[Data extracted from a collection]
-=-=-
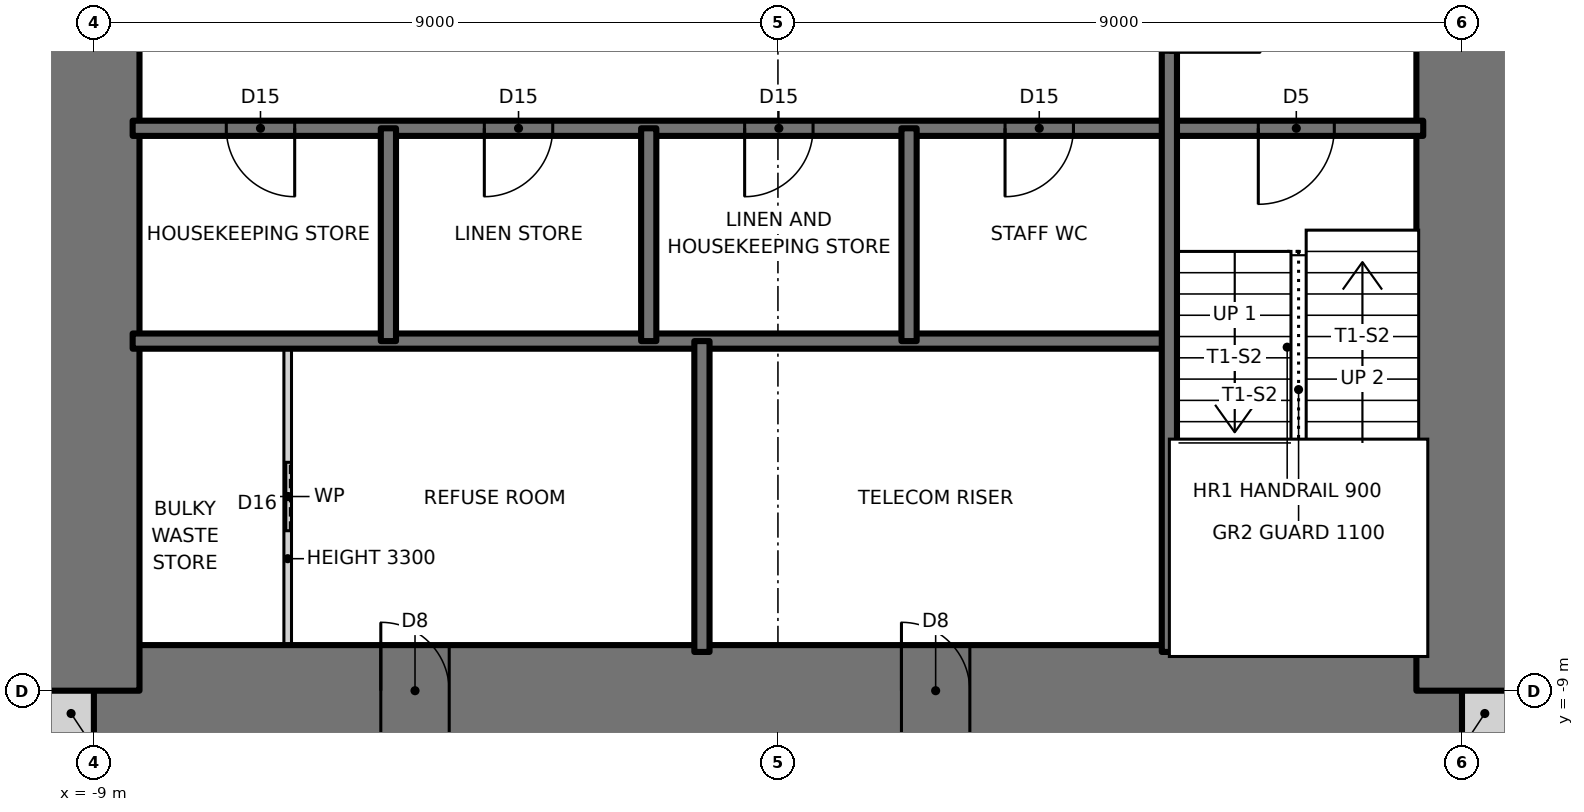
"""IFC4 building model, lengths in metres.
Left out: names, types, materials, properties, quantities, classifications, styles, units other than length and angle.
Written with IfcOpenShell. Run it as: python <this file> out.ifc"""

import sys

from ifc_helpers import new_model, si_unit, direction, frame, frame_2d, origin, place, context, subcontext, project, spatial, rectangle, extrude, element, fill, save


model = new_model("IFC4")
c1 = context("Model", 3, precision=1e-05, world=origin(), true_north=direction((0.0, 1.0)))
c2 = subcontext(c1, "Body", "Model", "MODEL_VIEW")
j1 = project(units=[si_unit("LENGTHUNIT", "METRE"), si_unit("PLANEANGLEUNIT", "RADIAN")], contexts=[c1])
p1 = place(None, origin())
s1 = spatial("IfcSite", under=j1, at=p1, CompositionType="ELEMENT")
p2 = place(p1, origin())
s2 = spatial("IfcBuilding", under=s1, at=p2, CompositionType="ELEMENT")
p3 = place(p2, frame((0.0, 0.0, 246.5)))
s3 = spatial("IfcBuildingStorey", under=s2, at=p3, CompositionType="ELEMENT", Elevation=246.5)
for number, where, z_axis, x_axis in (
    (1, (-9.6, -9.3, 0.0), (0.0, 0.0, 1.0), (1.0, 0.0, 0.0)),
    (2, (9.0, -9.3, 0.0), (0.0, 0.0, 1.0), (1.0, 0.0, 0.0)),
):
    element("IfcWall", number, at=place(p3, frame(where, z_axis=z_axis, x_axis=x_axis)), inside=s3, PredefinedType="SOLIDWALL", context=c2, shape_type="SweptSolid", body=[
        extrude(rectangle(XDim=0.6, YDim=0.6, at=frame_2d((0.3, 0.0))), origin(), (0.0, 0.0, 1.0), 3.5),
    ])
p4 = place(p3, frame((-9.0, -9.0, 0.0), z_axis=(0.0, 0.0, 1.0), x_axis=(1.0, 0.0, 0.0)))
e3 = element("IfcWall", 3, at=p4, inside=s3, PredefinedType="SHEAR", context=c2, shape_type="SweptSolid", body=[
    extrude(rectangle(XDim=18.0, YDim=1.2, at=frame_2d((9.0, 0.0))), origin(), (0.0, 0.0, 1.0), 3.5),
])
p5 = place(p4, frame((3.775, 0.0, 0.0)))
e4 = element("IfcOpeningElement", 4, at=p5, cuts=e3, PredefinedType="OPENING", context=c2, shape_type="SweptSolid", body=[
    extrude(rectangle(XDim=0.9, YDim=2.1, at=frame_2d((0.45, 1.05))), frame((0.0, 0.61, 0.0), z_axis=(0.0, -1.0, 0.0), x_axis=(1.0, 0.0, 0.0)), (0.0, 0.0, 1.0), 1.22),
])
p6 = place(p4, frame((10.625, 0.0, 0.0)))
e5 = element("IfcOpeningElement", 5, at=p6, cuts=e3, PredefinedType="OPENING", context=c2, shape_type="SweptSolid", body=[
    extrude(rectangle(XDim=0.9, YDim=2.1, at=frame_2d((0.45, 1.05))), frame((0.0, 0.61, 0.0), z_axis=(0.0, -1.0, 0.0), x_axis=(1.0, 0.0, 0.0)), (0.0, 0.0, 1.0), 1.22),
])
p7 = place(p3, frame((9.0, -9.0, 0.0), z_axis=(0.0, 0.0, 1.0), x_axis=(0.0, 1.0, 0.0)))
e6 = element("IfcWall", 6, at=p7, inside=s3, PredefinedType="SHEAR", context=c2, shape_type="SweptSolid", body=[
    extrude(rectangle(XDim=18.0, YDim=1.2, at=frame_2d((9.0, 0.0))), origin(), (0.0, 0.0, 1.0), 3.5),
])
p8 = place(p7, frame((8.5, 0.0, 0.0)))
e7 = element("IfcOpeningElement", 7, at=p8, cuts=e6, PredefinedType="OPENING", context=c2, shape_type="SweptSolid", body=[
    extrude(rectangle(XDim=1.0, YDim=2.1, at=frame_2d((0.5, 1.05))), frame((0.0, 0.61, 0.0), z_axis=(0.0, -1.0, 0.0), x_axis=(1.0, 0.0, 0.0)), (0.0, 0.0, 1.0), 1.22),
])
p9 = place(p3, frame((-9.0, 9.0, 0.0), z_axis=(0.0, 0.0, 1.0), x_axis=(0.0, -1.0, 0.0)))
e8 = element("IfcWall", 8, at=p9, inside=s3, PredefinedType="SHEAR", context=c2, shape_type="SweptSolid", body=[
    extrude(rectangle(XDim=18.0, YDim=1.2, at=frame_2d((9.0, 0.0))), origin(), (0.0, 0.0, 1.0), 3.5),
])
p10 = place(p9, frame((8.5, 0.0, 0.0)))
e9 = element("IfcOpeningElement", 9, at=p10, cuts=e8, PredefinedType="OPENING", context=c2, shape_type="SweptSolid", body=[
    extrude(rectangle(XDim=1.0, YDim=2.1, at=frame_2d((0.5, 1.05))), frame((0.0, 0.61, 0.0), z_axis=(0.0, -1.0, 0.0), x_axis=(1.0, 0.0, 0.0)), (0.0, 0.0, 1.0), 1.22),
])
p11 = place(p3, frame((-8.49, -4.4, 0.0), z_axis=(0.0, 0.0, 1.0), x_axis=(1.0, 0.0, 0.0)))
e10 = element("IfcWall", 10, at=p11, inside=s3, PredefinedType="SOLIDWALL", context=c2, shape_type="SweptSolid", body=[
    extrude(rectangle(XDim=13.64, YDim=0.2, at=frame_2d((6.82, 0.0))), origin(), (0.0, 0.0, 1.0), 3.5),
])
p12 = place(p3, frame((-8.49, -1.6, 0.0), z_axis=(0.0, 0.0, 1.0), x_axis=(1.0, 0.0, 0.0)))
e11 = element("IfcWall", 11, at=p12, inside=s3, PredefinedType="SOLIDWALL", context=c2, shape_type="SweptSolid", body=[
    extrude(rectangle(XDim=16.98, YDim=0.2, at=frame_2d((8.49, 0.0))), origin(), (0.0, 0.0, 1.0), 3.5),
])
p13 = place(p12, frame((14.81, 0.0, 0.0)))
e12 = element("IfcOpeningElement", 12, at=p13, cuts=e11, PredefinedType="OPENING", context=c2, shape_type="SweptSolid", body=[
    extrude(rectangle(XDim=1.0, YDim=2.1, at=frame_2d((0.5, 1.05))), frame((0.0, 0.11, 0.0), z_axis=(0.0, -1.0, 0.0), x_axis=(1.0, 0.0, 0.0)), (0.0, 0.0, 1.0), 0.22),
])
p14 = place(p12, frame((1.232, 0.0, 0.0)))
e13 = element("IfcOpeningElement", 13, at=p14, cuts=e11, PredefinedType="OPENING", context=c2, shape_type="SweptSolid", body=[
    extrude(rectangle(XDim=0.9, YDim=2.1, at=frame_2d((0.45, 1.05))), frame((0.0, 0.11, 0.0), z_axis=(0.0, -1.0, 0.0), x_axis=(1.0, 0.0, 0.0)), (0.0, 0.0, 1.0), 0.22),
])
p15 = place(p12, frame((4.627, 0.0, 0.0)))
e14 = element("IfcOpeningElement", 14, at=p15, cuts=e11, PredefinedType="OPENING", context=c2, shape_type="SweptSolid", body=[
    extrude(rectangle(XDim=0.9, YDim=2.1, at=frame_2d((0.45, 1.05))), frame((0.0, 0.11, 0.0), z_axis=(0.0, -1.0, 0.0), x_axis=(1.0, 0.0, 0.0)), (0.0, 0.0, 1.0), 0.22),
])
p16 = place(p12, frame((8.052, 0.0, 0.0)))
e15 = element("IfcOpeningElement", 15, at=p16, cuts=e11, PredefinedType="OPENING", context=c2, shape_type="SweptSolid", body=[
    extrude(rectangle(XDim=0.9, YDim=2.1, at=frame_2d((0.45, 1.05))), frame((0.0, 0.11, 0.0), z_axis=(0.0, -1.0, 0.0), x_axis=(1.0, 0.0, 0.0)), (0.0, 0.0, 1.0), 0.22),
])
p17 = place(p12, frame((11.478, 0.0, 0.0)))
e16 = element("IfcOpeningElement", 16, at=p17, cuts=e11, PredefinedType="OPENING", context=c2, shape_type="SweptSolid", body=[
    extrude(rectangle(XDim=0.9, YDim=2.1, at=frame_2d((0.45, 1.05))), frame((0.0, 0.11, 0.0), z_axis=(0.0, -1.0, 0.0), x_axis=(1.0, 0.0, 0.0)), (0.0, 0.0, 1.0), 0.22),
])
p18 = place(p3, frame((5.15, -8.49, 0.0), z_axis=(0.0, 0.0, 1.0), x_axis=(0.0, 1.0, 0.0)))
e17 = element("IfcWall", 17, at=p18, inside=s3, PredefinedType="SOLIDWALL", context=c2, shape_type="SweptSolid", body=[
    extrude(rectangle(XDim=13.09, YDim=0.2, at=frame_2d((6.545, 0.0))), origin(), (0.0, 0.0, 1.0), 3.5),
])
p19 = place(p18, frame((7.89, 0.0, 0.0)))
e18 = element("IfcOpeningElement", 18, at=p19, cuts=e17, PredefinedType="OPENING", context=c2, shape_type="SweptSolid", body=[
    extrude(rectangle(XDim=1.2, YDim=2.1, at=frame_2d((0.6, 1.05))), frame((0.0, 0.11, 0.0), z_axis=(0.0, -1.0, 0.0), x_axis=(1.0, 0.0, 0.0)), (0.0, 0.0, 1.0), 0.22),
])
p20 = place(p3, frame((1.725, -4.4, 0.0), z_axis=(0.0, 0.0, 1.0), x_axis=(0.0, 1.0, 0.0)))
e19 = element("IfcWall", 19, at=p20, inside=s3, PredefinedType="SOLIDWALL", context=c2, shape_type="SweptSolid", body=[
    extrude(rectangle(XDim=2.8, YDim=0.2, at=frame_2d((1.4, 0.0))), origin(), (0.0, 0.0, 1.0), 3.5),
])
p21 = place(p3, frame((-1.0, -8.49, 0.0), z_axis=(0.0, 0.0, 1.0), x_axis=(0.0, 1.0, 0.0)))
e20 = element("IfcWall", 20, at=p21, inside=s3, PredefinedType="SOLIDWALL", context=c2, shape_type="SweptSolid", body=[
    extrude(rectangle(XDim=4.09, YDim=0.2, at=frame_2d((2.045, 0.0))), origin(), (0.0, 0.0, 1.0), 3.5),
])
for number, where, z_axis, x_axis in (
    (21, (-1.7, -4.4, 0.0), (0.0, 0.0, 1.0), (0.0, 1.0, 0.0)),
    (22, (-5.125, -4.4, 0.0), (0.0, 0.0, 1.0), (0.0, 1.0, 0.0)),
):
    element("IfcWall", number, at=place(p3, frame(where, z_axis=z_axis, x_axis=x_axis)), inside=s3, PredefinedType="SOLIDWALL", context=c2, shape_type="SweptSolid", body=[
        extrude(rectangle(XDim=2.8, YDim=0.2, at=frame_2d((1.4, 0.0))), origin(), (0.0, 0.0, 1.0), 3.5),
    ])
p22 = place(p3, frame((-6.45, -8.49, 0.0), z_axis=(0.0, 0.0, 1.0), x_axis=(0.0, 1.0, 0.0)))
e23 = element("IfcWall", 23, at=p22, inside=s3, PredefinedType="PARTITIONING", context=c2, shape_type="SweptSolid", body=[
    extrude(rectangle(XDim=4.09, YDim=0.1, at=frame_2d((2.045, 0.0))), origin(), (0.0, 0.0, 1.0), 3.3),
])
p23 = place(p22, frame((1.595, 0.0, 0.0)))
e24 = element("IfcOpeningElement", 24, at=p23, cuts=e23, PredefinedType="OPENING", context=c2, shape_type="SweptSolid", body=[
    extrude(rectangle(XDim=0.9, YDim=2.1, at=frame_2d((0.45, 1.05))), frame((0.0, 0.06, 0.0), z_axis=(0.0, -1.0, 0.0), x_axis=(1.0, 0.0, 0.0)), (0.0, 0.0, 1.0), 0.12),
])
p24 = place(p13, frame((1.0, 0.0, 0.0), z_axis=(0.0, 0.0, 1.0), x_axis=(-1.0, 0.0, 0.0)))
e25 = element("IfcDoor", 25, at=p24, inside=s3, OperationType="SINGLE_SWING_RIGHT", PredefinedType="DOOR", context=c2, shape_type="SweptSolid", body=[
    extrude(rectangle(XDim=1.0, YDim=2.1, at=frame_2d((0.5, 1.05))), frame((0.0, 0.025, 0.0), z_axis=(0.0, -1.0, 0.0), x_axis=(1.0, 0.0, 0.0)), (0.0, 0.0, 1.0), 0.05),
])
fill(e12, e25)
p25 = place(p19, frame((1.2, 0.0, 0.0), z_axis=(0.0, 0.0, 1.0), x_axis=(-1.0, 0.0, 0.0)))
e26 = element("IfcDoor", 26, at=p25, inside=s3, OperationType="SINGLE_SWING_RIGHT", PredefinedType="DOOR", context=c2, shape_type="SweptSolid", body=[
    extrude(rectangle(XDim=1.2, YDim=2.1, at=frame_2d((0.6, 1.05))), frame((0.0, 0.025, 0.0), z_axis=(0.0, -1.0, 0.0), x_axis=(1.0, 0.0, 0.0)), (0.0, 0.0, 1.0), 0.05),
])
fill(e18, e26)
p26 = place(p14, frame((0.9, 0.0, 0.0), z_axis=(0.0, 0.0, 1.0), x_axis=(-1.0, 0.0, 0.0)))
e27 = element("IfcDoor", 27, at=p26, inside=s3, OperationType="SINGLE_SWING_LEFT", PredefinedType="DOOR", context=c2, shape_type="SweptSolid", body=[
    extrude(rectangle(XDim=0.9, YDim=2.1, at=frame_2d((0.45, 1.05))), frame((0.0, 0.025, 0.0), z_axis=(0.0, -1.0, 0.0), x_axis=(1.0, 0.0, 0.0)), (0.0, 0.0, 1.0), 0.05),
])
fill(e13, e27)
p27 = place(p15, frame((0.9, 0.0, 0.0), z_axis=(0.0, 0.0, 1.0), x_axis=(-1.0, 0.0, 0.0)))
e28 = element("IfcDoor", 28, at=p27, inside=s3, OperationType="SINGLE_SWING_RIGHT", PredefinedType="DOOR", context=c2, shape_type="SweptSolid", body=[
    extrude(rectangle(XDim=0.9, YDim=2.1, at=frame_2d((0.45, 1.05))), frame((0.0, 0.025, 0.0), z_axis=(0.0, -1.0, 0.0), x_axis=(1.0, 0.0, 0.0)), (0.0, 0.0, 1.0), 0.05),
])
fill(e14, e28)
p28 = place(p16, frame((0.9, 0.0, 0.0), z_axis=(0.0, 0.0, 1.0), x_axis=(-1.0, 0.0, 0.0)))
e29 = element("IfcDoor", 29, at=p28, inside=s3, OperationType="SINGLE_SWING_RIGHT", PredefinedType="DOOR", context=c2, shape_type="SweptSolid", body=[
    extrude(rectangle(XDim=0.9, YDim=2.1, at=frame_2d((0.45, 1.05))), frame((0.0, 0.025, 0.0), z_axis=(0.0, -1.0, 0.0), x_axis=(1.0, 0.0, 0.0)), (0.0, 0.0, 1.0), 0.05),
])
fill(e15, e29)
p29 = place(p17, frame((0.9, 0.0, 0.0), z_axis=(0.0, 0.0, 1.0), x_axis=(-1.0, 0.0, 0.0)))
e30 = element("IfcDoor", 30, at=p29, inside=s3, OperationType="SINGLE_SWING_RIGHT", PredefinedType="DOOR", context=c2, shape_type="SweptSolid", body=[
    extrude(rectangle(XDim=0.9, YDim=2.1, at=frame_2d((0.45, 1.05))), frame((0.0, 0.025, 0.0), z_axis=(0.0, -1.0, 0.0), x_axis=(1.0, 0.0, 0.0)), (0.0, 0.0, 1.0), 0.05),
])
fill(e16, e30)
p30 = place(p23, origin())
e31 = element("IfcDoor", 31, at=p30, inside=s3, OperationType="SLIDING_TO_LEFT", PredefinedType="DOOR", context=c2, shape_type="SweptSolid", body=[
    extrude(rectangle(XDim=0.9, YDim=2.1, at=frame_2d((0.45, 1.05))), frame((0.0, 0.025, 0.0), z_axis=(0.0, -1.0, 0.0), x_axis=(1.0, 0.0, 0.0)), (0.0, 0.0, 1.0), 0.05),
])
fill(e24, e31)
p31 = place(p5, origin())
e32 = element("IfcDoor", 32, at=p31, inside=s3, OperationType="SINGLE_SWING_LEFT", PredefinedType="DOOR", context=c2, shape_type="SweptSolid", body=[
    extrude(rectangle(XDim=0.9, YDim=2.1, at=frame_2d((0.45, 1.05))), frame((0.0, 0.025, 0.0), z_axis=(0.0, -1.0, 0.0), x_axis=(1.0, 0.0, 0.0)), (0.0, 0.0, 1.0), 0.05),
])
fill(e4, e32)
p32 = place(p6, origin())
e33 = element("IfcDoor", 33, at=p32, inside=s3, OperationType="SINGLE_SWING_LEFT", PredefinedType="DOOR", context=c2, shape_type="SweptSolid", body=[
    extrude(rectangle(XDim=0.9, YDim=2.1, at=frame_2d((0.45, 1.05))), frame((0.0, 0.025, 0.0), z_axis=(0.0, -1.0, 0.0), x_axis=(1.0, 0.0, 0.0)), (0.0, 0.0, 1.0), 0.05),
])
fill(e5, e33)
save(model, sys.argv[1])
-=-=-
**TASK BRIEF:** Among the lines above, find those holding "subcontext" and copy each one.

**EXERCISE OUTPUT:**
from ifc_helpers import new_model, si_unit, direction, frame, frame_2d, origin, place, context, subcontext, project, spatial, rectangle, extrude, element, fill, save
c2 = subcontext(c1, "Body", "Model", "MODEL_VIEW")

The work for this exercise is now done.